:: YOUR TASK ::
In the listing below, locate the line containing "#51=CARTESIAN_POINT('',(-1.387,-1.204,9.724));" and the line containing "#56=CARTESIAN_POINT('',(-1.439,-1.205,9.74));". Output both of them and every line between, exactly as written, and nothing more.

:: SOURCE RECORDS ::

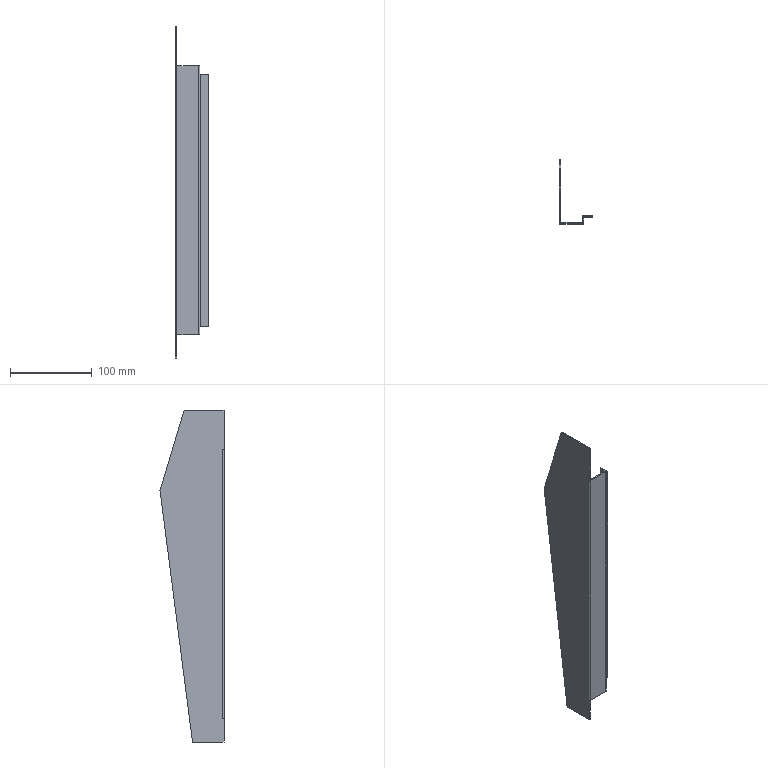Component | SolidWorks | TopCoverLeftSealingPlate-1 | 1 solid | 41 faces | volume 59166 mm3 | plane 35 | cylinder 6 | commonest cylinder face diameters 3.2 x3 0.2 x3
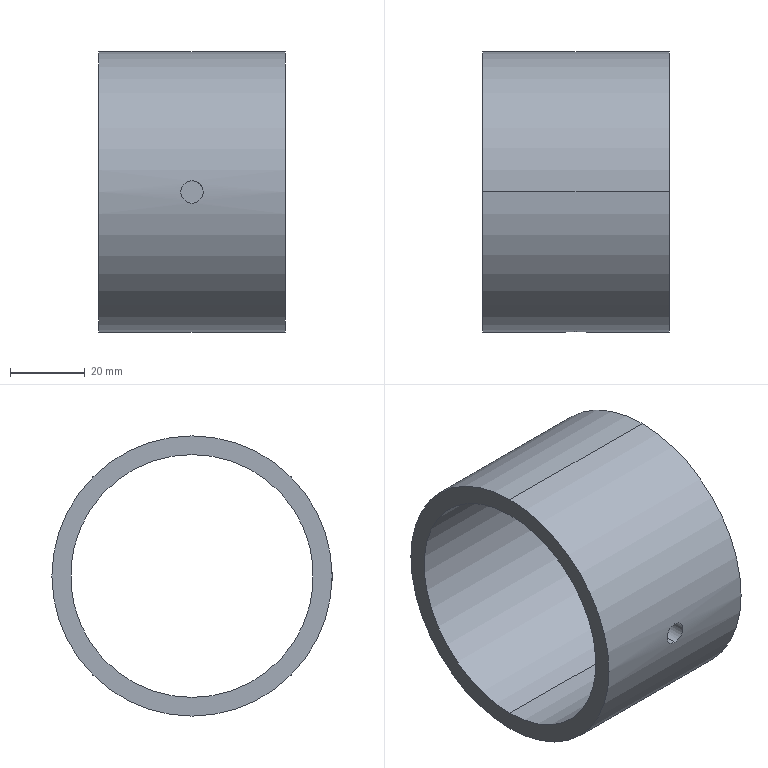Component | SolidWorks | 22Bushing-1 | 1 solid | 8 faces | box 50 x 75 x 75 mm | volume 54836 mm3 | cylinder 6 | plane 2 | commonest cylinder face diameters 6 x2 65 x2 75 x2
build123d program:
from build123d import *

# Parameters (mm, degrees)
SKETCH10_R          = 37.5
SKETCH10_R_2        = 32.5
BOSS_EXTRUDE4_DEPTH = 25
SKETCH12_R          = 3
CUT_EXTRUDE3_DEPTH  = 59.63


with BuildPart() as part:
    # Sketch10 → Boss-Extrude4 (new, symmetric)
    with BuildSketch(Plane(origin=(0, 0, 0), x_dir=(0, 0, -1), z_dir=(1, 0, 0))):
        Circle(SKETCH10_R)
        Circle(SKETCH10_R_2, mode=Mode.SUBTRACT)
    extrude(amount=BOSS_EXTRUDE4_DEPTH, both=True)

    # Sketch12 → Cut-Extrude3 (cut, through all)
    with BuildSketch(Plane(origin=(0, 0, 0), x_dir=(1, 0, 0), z_dir=(0, 1, 0))):
        with Locations(Location((0, 0, 0), (0, 0, 270))):
            Circle(SKETCH12_R)
    extrude(amount=-CUT_EXTRUDE3_DEPTH, mode=Mode.SUBTRACT)


solid = part.part

# Placed as in the assembly
solid = solid.moved(Location((-35.043, 1.776, 250), (0, 0, 0)))
STEP:
#1=CARTESIAN_POINT('',(-1.38,-1.402,9.724));
#2=VERTEX_POINT('',#1);
#3=CARTESIAN_POINT('',(-1.38,-1.402,9.961));
#4=VERTEX_POINT('',#3);
#5=CARTESIAN_POINT('',(-1.38,-1.402,9.724));
#6=CARTESIAN_POINT('',(-1.387,-1.402,9.724));
#7=CARTESIAN_POINT('',(-1.395,-1.402,9.725));
#8=CARTESIAN_POINT('',(-1.41,-1.402,9.728));
#9=CARTESIAN_POINT('',(-1.418,-1.402,9.73));
#10=CARTESIAN_POINT('',(-1.432,-1.403,9.736));
#11=CARTESIAN_POINT('',(-1.439,-1.403,9.74));
#12=CARTESIAN_POINT('',(-1.452,-1.403,9.749));
#13=CARTESIAN_POINT('',(-1.458,-1.404,9.754));
#14=CARTESIAN_POINT('',(-1.469,-1.404,9.764));
#15=CARTESIAN_POINT('',(-1.473,-1.405,9.77));
#16=CARTESIAN_POINT('',(-1.482,-1.405,9.783));
#17=CARTESIAN_POINT('',(-1.486,-1.406,9.79));
#18=CARTESIAN_POINT('',(-1.495,-1.406,9.811));
#19=CARTESIAN_POINT('',(-1.498,-1.406,9.827));
#20=CARTESIAN_POINT('',(-1.498,-1.406,9.85));
#21=CARTESIAN_POINT('',(-1.497,-1.406,9.858));
#22=CARTESIAN_POINT('',(-1.494,-1.406,9.873));
#23=CARTESIAN_POINT('',(-1.492,-1.406,9.881));
#24=CARTESIAN_POINT('',(-1.486,-1.406,9.895));
#25=CARTESIAN_POINT('',(-1.482,-1.405,9.902));
#26=CARTESIAN_POINT('',(-1.474,-1.405,9.915));
#27=CARTESIAN_POINT('',(-1.469,-1.404,9.921));
#28=CARTESIAN_POINT('',(-1.458,-1.404,9.932));
#29=CARTESIAN_POINT('',(-1.452,-1.403,9.936));
#30=CARTESIAN_POINT('',(-1.439,-1.403,9.945));
#31=CARTESIAN_POINT('',(-1.432,-1.403,9.949));
#32=CARTESIAN_POINT('',(-1.418,-1.402,9.955));
#33=CARTESIAN_POINT('',(-1.41,-1.402,9.957));
#34=CARTESIAN_POINT('',(-1.395,-1.402,9.96));
#35=CARTESIAN_POINT('',(-1.387,-1.402,9.961));
#36=CARTESIAN_POINT('',(-1.38,-1.402,9.961));
#37=B_SPLINE_CURVE_WITH_KNOTS('',3,(#5,#6,#7,#8,#9,#10,#11,#12,#13,#14,#15,#16,#17,#18,#19,#20,#21,#22,#23,#24,#25,#26,#27,#28,#29,#30,#31,#32,#33,#34,#35,#36),.UNSPECIFIED.,.F.,.F.,(4,2,2,2,2,2,2,2,2,2,2,2,2,2,2,4),(0.01408,0.01466,0.01525,0.01583,0.01642,0.01701,0.01759,0.01877,0.01935,0.01994,0.02053,0.02111,0.0217,0.02228,0.02287,0.02346),.UNSPECIFIED.);
#38=EDGE_CURVE('',#2,#4,#37,.T.);
#39=ORIENTED_EDGE('',*,*,#38,.F.);
#40=CARTESIAN_POINT('',(-1.38,-1.204,9.724));
#41=VERTEX_POINT('',#40);
#42=CARTESIAN_POINT('',(-1.38,-1.406,9.724));
#43=DIRECTION('',(0.,1.,0.));
#44=VECTOR('',#43,39.37);
#45=LINE('',#42,#44);
#46=EDGE_CURVE('',#2,#41,#45,.T.);
#47=ORIENTED_EDGE('',*,*,#46,.T.);
#48=CARTESIAN_POINT('',(-1.38,-1.204,9.961));
#49=VERTEX_POINT('',#48);
#50=CARTESIAN_POINT('',(-1.38,-1.204,9.724));
#51=CARTESIAN_POINT('',(-1.387,-1.204,9.724));
#52=CARTESIAN_POINT('',(-1.395,-1.204,9.725));
#53=CARTESIAN_POINT('',(-1.41,-1.204,9.728));
#54=CARTESIAN_POINT('',(-1.418,-1.205,9.73));
#55=CARTESIAN_POINT('',(-1.432,-1.205,9.736));
#56=CARTESIAN_POINT('',(-1.439,-1.205,9.74));
#57=CARTESIAN_POINT('',(-1.452,-1.206,9.749));
#58=CARTESIAN_POINT('',(-1.458,-1.207,9.754));
#59=CARTESIAN_POINT('',(-1.469,-1.207,9.764));
#60=CARTESIAN_POINT('',(-1.474,-1.208,9.77));
#61=CARTESIAN_POINT('',(-1.482,-1.208,9.783));
#62=CARTESIAN_POINT('',(-1.486,-1.209,9.79));
#63=CARTESIAN_POINT('',(-1.492,-1.209,9.804));
#64=CARTESIAN_POINT('',(-1.494,-1.209,9.812));
#65=CARTESIAN_POINT('',(-1.497,-1.21,9.827));
#66=CARTESIAN_POINT('',(-1.498,-1.21,9.835));
#67=CARTESIAN_POINT('',(-1.498,-1.21,9.85));
#68=CARTESIAN_POINT('',(-1.497,-1.21,9.858));
#69=CARTESIAN_POINT('',(-1.494,-1.209,9.873));
#70=CARTESIAN_POINT('',(-1.492,-1.209,9.881));
#71=CARTESIAN_POINT('',(-1.486,-1.209,9.895));
#72=CARTESIAN_POINT('',(-1.482,-1.208,9.902));
#73=CARTESIAN_POINT('',(-1.474,-1.208,9.914));
#74=CARTESIAN_POINT('',(-1.469,-1.207,9.921));
#75=CARTESIAN_POINT('',(-1.458,-1.207,9.931));
#76=CARTESIAN_POINT('',(-1.452,-1.206,9.936));
#77=CARTESIAN_POINT('',(-1.439,-1.206,9.945));
#78=CARTESIAN_POINT('',(-1.432,-1.205,9.949));
#79=CARTESIAN_POINT('',(-1.411,-1.204,9.957));
#80=CARTESIAN_POINT('',(-1.395,-1.204,9.961));
#81=CARTESIAN_POINT('',(-1.38,-1.204,9.961));
#82=B_SPLINE_CURVE_WITH_KNOTS('',3,(#50,#51,#52,#53,#54,#55,#56,#57,#58,#59,#60,#61,#62,#63,#64,#65,#66,#67,#68,#69,#70,#71,#72,#73,#74,#75,#76,#77,#78,#79,#80,#81),.UNSPECIFIED.,.F.,.F.,(4,2,2,2,2,2,2,2,2,2,2,2,2,2,2,4),(0.009384,0.009971,0.01056,0.01114,0.01173,0.01232,0.0129,0.01349,0.01408,0.01466,0.01525,0.01583,0.01642,0.01701,0.01759,0.01877),.UNSPECIFIED.);
#83=EDGE_CURVE('',#41,#49,#82,.T.);
#84=ORIENTED_EDGE('',*,*,#83,.T.);
#85=CARTESIAN_POINT('',(-1.38,-1.406,9.961));
#86=DIRECTION('',(0.,1.,0.));
#87=VECTOR('',#86,39.37);
#88=LINE('',#85,#87);
#89=EDGE_CURVE('',#4,#49,#88,.T.);
#90=ORIENTED_EDGE('',*,*,#89,.F.);
#91=EDGE_LOOP('',(#39,#47,#84,#90));
#92=FACE_OUTER_BOUND('',#91,.T.);
#93=CARTESIAN_POINT('',(-1.38,-1.406,9.843));
#94=DIRECTION('',(0.,1.,0.));
#95=DIRECTION('',(0.,0.,1.));
#96=AXIS2_PLACEMENT_3D('',#93,#94,#95);
#97=CYLINDRICAL_SURFACE('',#96,0.1181);
#98=ADVANCED_FACE('',(#92),#97,.F.);
#99=CARTESIAN_POINT('',(-1.38,-1.204,9.961));
#100=CARTESIAN_POINT('',(-1.372,-1.204,9.961));
#101=CARTESIAN_POINT('',(-1.364,-1.204,9.96));
#102=CARTESIAN_POINT('',(-1.349,-1.204,9.957));
#103=CARTESIAN_POINT('',(-1.342,-1.205,9.955));
#104=CARTESIAN_POINT('',(-1.327,-1.205,9.949));
#105=CARTESIAN_POINT('',(-1.32,-1.205,9.945));
#106=CARTESIAN_POINT('',(-1.308,-1.206,9.936));
#107=CARTESIAN_POINT('',(-1.302,-1.207,9.931));
#108=CARTESIAN_POINT('',(-1.291,-1.207,9.921));
#109=CARTESIAN_POINT('',(-1.286,-1.208,9.915));
#110=CARTESIAN_POINT('',(-1.277,-1.208,9.902));
#111=CARTESIAN_POINT('',(-1.273,-1.209,9.895));
#112=CARTESIAN_POINT('',(-1.268,-1.209,9.881));
#113=CARTESIAN_POINT('',(-1.265,-1.209,9.873));
#114=CARTESIAN_POINT('',(-1.262,-1.21,9.858));
#115=CARTESIAN_POINT('',(-1.262,-1.21,9.85));
#116=CARTESIAN_POINT('',(-1.262,-1.21,9.835));
#117=CARTESIAN_POINT('',(-1.262,-1.21,9.827));
#118=CARTESIAN_POINT('',(-1.265,-1.209,9.812));
#119=CARTESIAN_POINT('',(-1.268,-1.209,9.805));
#120=CARTESIAN_POINT('',(-1.273,-1.209,9.79));
#121=CARTESIAN_POINT('',(-1.277,-1.208,9.783));
#122=CARTESIAN_POINT('',(-1.286,-1.208,9.77));
#123=CARTESIAN_POINT('',(-1.291,-1.207,9.765));
#124=CARTESIAN_POINT('',(-1.302,-1.207,9.754));
#125=CARTESIAN_POINT('',(-1.308,-1.206,9.749));
#126=CARTESIAN_POINT('',(-1.32,-1.206,9.74));
#127=CARTESIAN_POINT('',(-1.327,-1.205,9.736));
#128=CARTESIAN_POINT('',(-1.342,-1.205,9.73));
#129=CARTESIAN_POINT('',(-1.349,-1.204,9.728));
#130=CARTESIAN_POINT('',(-1.364,-1.204,9.725));
#131=CARTESIAN_POINT('',(-1.372,-1.204,9.724));
#132=CARTESIAN_POINT('',(-1.38,-1.204,9.724));
#133=B_SPLINE_CURVE_WITH_KNOTS('',3,(#99,#100,#101,#102,#103,#104,#105,#106,#107,#108,#109,#110,#111,#112,#113,#114,#115,#116,#117,#118,#119,#120,#121,#122,#123,#124,#125,#126,#127,#128,#129,#130,#131,#132),.UNSPECIFIED.,.F.,.F.,(4,2,2,2,2,2,2,2,2,2,2,2,2,2,2,2,4),(0.,0.0005865,0.001173,0.00176,0.002346,0.002933,0.003519,0.004106,0.004692,0.005279,0.005865,0.006452,0.007038,0.007625,0.008211,0.008798,0.009384),.UNSPECIFIED.);
#134=EDGE_CURVE('',#49,#41,#133,.T.);
#135=ORIENTED_EDGE('',*,*,#134,.F.);
#136=ORIENTED_EDGE('',*,*,#83,.F.);
#137=EDGE_LOOP('',(#135,#136));
#138=FACE_BOUND('',#137,.T.);
#139=CARTESIAN_POINT('',(-0.3954,0.06992,11.122));
#140=VERTEX_POINT('',#139);
#141=CARTESIAN_POINT('',(-0.3954,0.06992,8.563));
#142=VERTEX_POINT('',#141);
#143=CARTESIAN_POINT('',(-0.3954,0.06992,9.843));
#144=DIRECTION('',(1.,0.,0.));
#145=DIRECTION('',(0.,0.,-1.));
#146=AXIS2_PLACEMENT_3D('',#143,#144,#145);
#147=CIRCLE('',#146,1.28);
#148=EDGE_CURVE('',#140,#142,#147,.T.);
#149=ORIENTED_EDGE('',*,*,#148,.T.);
#150=CARTESIAN_POINT('',(-2.364,0.06992,8.563));
#151=VERTEX_POINT('',#150);
#152=CARTESIAN_POINT('',(-0.3954,0.06992,8.563));
#153=DIRECTION('',(-1.,0.,0.));
#154=VECTOR('',#153,39.37);
#155=LINE('',#152,#154);
#156=EDGE_CURVE('',#142,#151,#155,.T.);
#157=ORIENTED_EDGE('',*,*,#156,.T.);
#158=CARTESIAN_POINT('',(-2.364,0.06992,11.122));
#159=VERTEX_POINT('',#158);
#160=CARTESIAN_POINT('',(-2.364,0.06992,9.843));
#161=DIRECTION('',(1.,0.,0.));
#162=DIRECTION('',(0.,0.,-1.));
#163=AXIS2_PLACEMENT_3D('',#160,#161,#162);
#164=CIRCLE('',#163,1.28);
#165=EDGE_CURVE('',#159,#151,#164,.T.);
#166=ORIENTED_EDGE('',*,*,#165,.F.);
#167=CARTESIAN_POINT('',(-0.3954,0.06992,11.122));
#168=DIRECTION('',(-1.,0.,0.));
#169=VECTOR('',#168,39.37);
#170=LINE('',#167,#169);
#171=EDGE_CURVE('',#140,#159,#170,.T.);
#172=ORIENTED_EDGE('',*,*,#171,.F.);
#173=EDGE_LOOP('',(#149,#157,#166,#172));
#174=FACE_OUTER_BOUND('',#173,.T.);
#175=CARTESIAN_POINT('',(-0.3954,0.06992,9.843));
#176=DIRECTION('',(-1.,0.,0.));
#177=DIRECTION('',(0.,0.,1.));
#178=AXIS2_PLACEMENT_3D('',#175,#176,#177);
#179=CYLINDRICAL_SURFACE('',#178,1.28);
#180=ADVANCED_FACE('',(#138,#174),#179,.F.);
#181=CARTESIAN_POINT('',(-0.3954,0.06992,8.366));
#182=VERTEX_POINT('',#181);
#183=CARTESIAN_POINT('',(-0.3954,0.06992,11.319));
#184=VERTEX_POINT('',#183);
#185=CARTESIAN_POINT('',(-0.3954,0.06992,9.843));
#186=DIRECTION('',(1.,0.,0.));
#187=DIRECTION('',(0.,0.,-1.));
#188=AXIS2_PLACEMENT_3D('',#185,#186,#187);
#189=CIRCLE('',#188,1.476);
#190=EDGE_CURVE('',#182,#184,#189,.T.);
#191=ORIENTED_EDGE('',*,*,#190,.F.);
#192=CARTESIAN_POINT('',(-2.364,0.06992,8.366));
#193=VERTEX_POINT('',#192);
#194=CARTESIAN_POINT('',(-0.3954,0.06992,8.366));
#195=DIRECTION('',(-1.,0.,0.));
#196=VECTOR('',#195,39.37);
#197=LINE('',#194,#196);
#198=EDGE_CURVE('',#182,#193,#197,.T.);
#199=ORIENTED_EDGE('',*,*,#198,.T.);
#200=CARTESIAN_POINT('',(-2.364,0.06992,11.319));
#201=VERTEX_POINT('',#200);
#202=CARTESIAN_POINT('',(-2.364,0.06992,9.843));
#203=DIRECTION('',(1.,0.,0.));
#204=DIRECTION('',(0.,0.,-1.));
#205=AXIS2_PLACEMENT_3D('',#202,#203,#204);
#206=CIRCLE('',#205,1.476);
#207=EDGE_CURVE('',#193,#201,#206,.T.);
#208=ORIENTED_EDGE('',*,*,#207,.T.);
#209=CARTESIAN_POINT('',(-0.3954,0.06992,11.319));
#210=DIRECTION('',(-1.,0.,0.));
#211=VECTOR('',#210,39.37);
#212=LINE('',#209,#211);
#213=EDGE_CURVE('',#184,#201,#212,.T.);
#214=ORIENTED_EDGE('',*,*,#213,.F.);
#215=EDGE_LOOP('',(#191,#199,#208,#214));
#216=FACE_OUTER_BOUND('',#215,.T.);
#217=CARTESIAN_POINT('',(-0.3954,0.06992,9.843));
#218=DIRECTION('',(-1.,0.,0.));
#219=DIRECTION('',(0.,0.,1.));
#220=AXIS2_PLACEMENT_3D('',#217,#218,#219);
#221=CYLINDRICAL_SURFACE('',#220,1.476);
#222=ADVANCED_FACE('',(#216),#221,.T.);
#223=CARTESIAN_POINT('',(-0.3954,0.06992,9.843));
#224=DIRECTION('',(1.,0.,0.));
#225=DIRECTION('',(0.,0.,-1.));
#226=AXIS2_PLACEMENT_3D('',#223,#224,#225);
#227=CIRCLE('',#226,1.476);
#228=EDGE_CURVE('',#184,#182,#227,.T.);
#229=ORIENTED_EDGE('',*,*,#228,.T.);
#230=ORIENTED_EDGE('',*,*,#190,.T.);
#231=EDGE_LOOP('',(#229,#230));
#232=FACE_OUTER_BOUND('',#231,.T.);
#233=ORIENTED_EDGE('',*,*,#148,.F.);
#234=CARTESIAN_POINT('',(-0.3954,0.06992,9.843));
#235=DIRECTION('',(1.,0.,0.));
#236=DIRECTION('',(0.,0.,-1.));
#237=AXIS2_PLACEMENT_3D('',#234,#235,#236);
#238=CIRCLE('',#237,1.28);
#239=EDGE_CURVE('',#142,#140,#238,.T.);
#240=ORIENTED_EDGE('',*,*,#239,.F.);
#241=EDGE_LOOP('',(#233,#240));
#242=FACE_BOUND('',#241,.T.);
#243=CARTESIAN_POINT('',(-0.3954,0.06992,9.843));
#244=DIRECTION('',(1.,0.,0.));
#245=DIRECTION('',(0.,0.,-1.));
#246=AXIS2_PLACEMENT_3D('',#243,#244,#245);
#247=PLANE('',#246);
#248=ADVANCED_FACE('',(#232,#242),#247,.T.);
#249=CARTESIAN_POINT('',(-2.364,0.06992,9.843));
#250=DIRECTION('',(1.,0.,0.));
#251=DIRECTION('',(0.,0.,-1.));
#252=AXIS2_PLACEMENT_3D('',#249,#250,#251);
#253=CIRCLE('',#252,1.476);
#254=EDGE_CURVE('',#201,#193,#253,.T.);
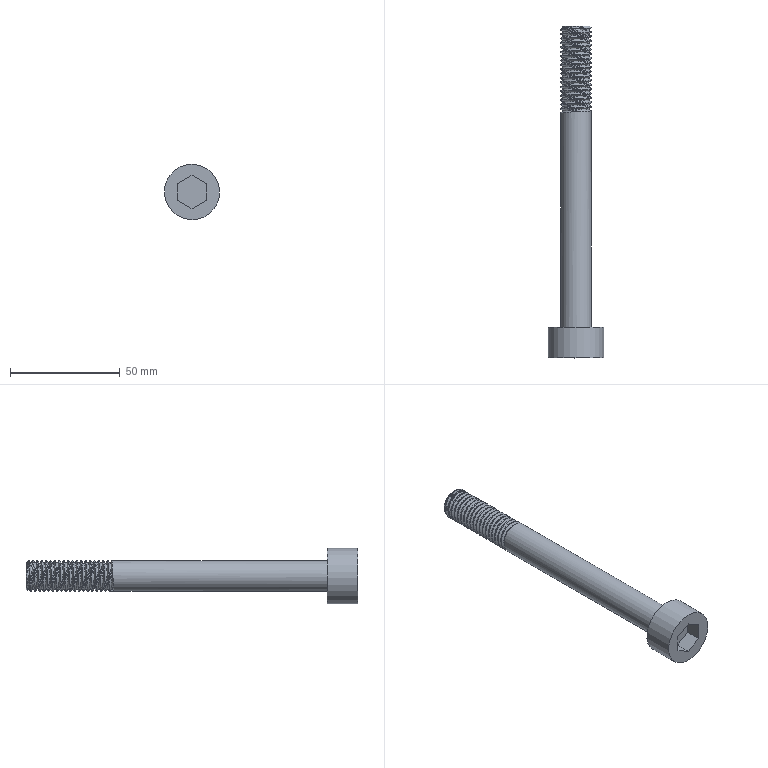Component | NX | ALLINE_SCREW_M14_BP_2_DP_2 | 1 solid | 37 faces | volume 26087 mm3 | cylinder 22 | plane 12 | spline 2 | cone 1 | commonest cylinder face diameters 14 x20 25.2 x1 12 x1

:: WRITTEN SOLUTION ::
#51=CARTESIAN_POINT('',(-1.387,-1.204,9.724));
#52=CARTESIAN_POINT('',(-1.395,-1.204,9.725));
#53=CARTESIAN_POINT('',(-1.41,-1.204,9.728));
#54=CARTESIAN_POINT('',(-1.418,-1.205,9.73));
#55=CARTESIAN_POINT('',(-1.432,-1.205,9.736));
#56=CARTESIAN_POINT('',(-1.439,-1.205,9.74));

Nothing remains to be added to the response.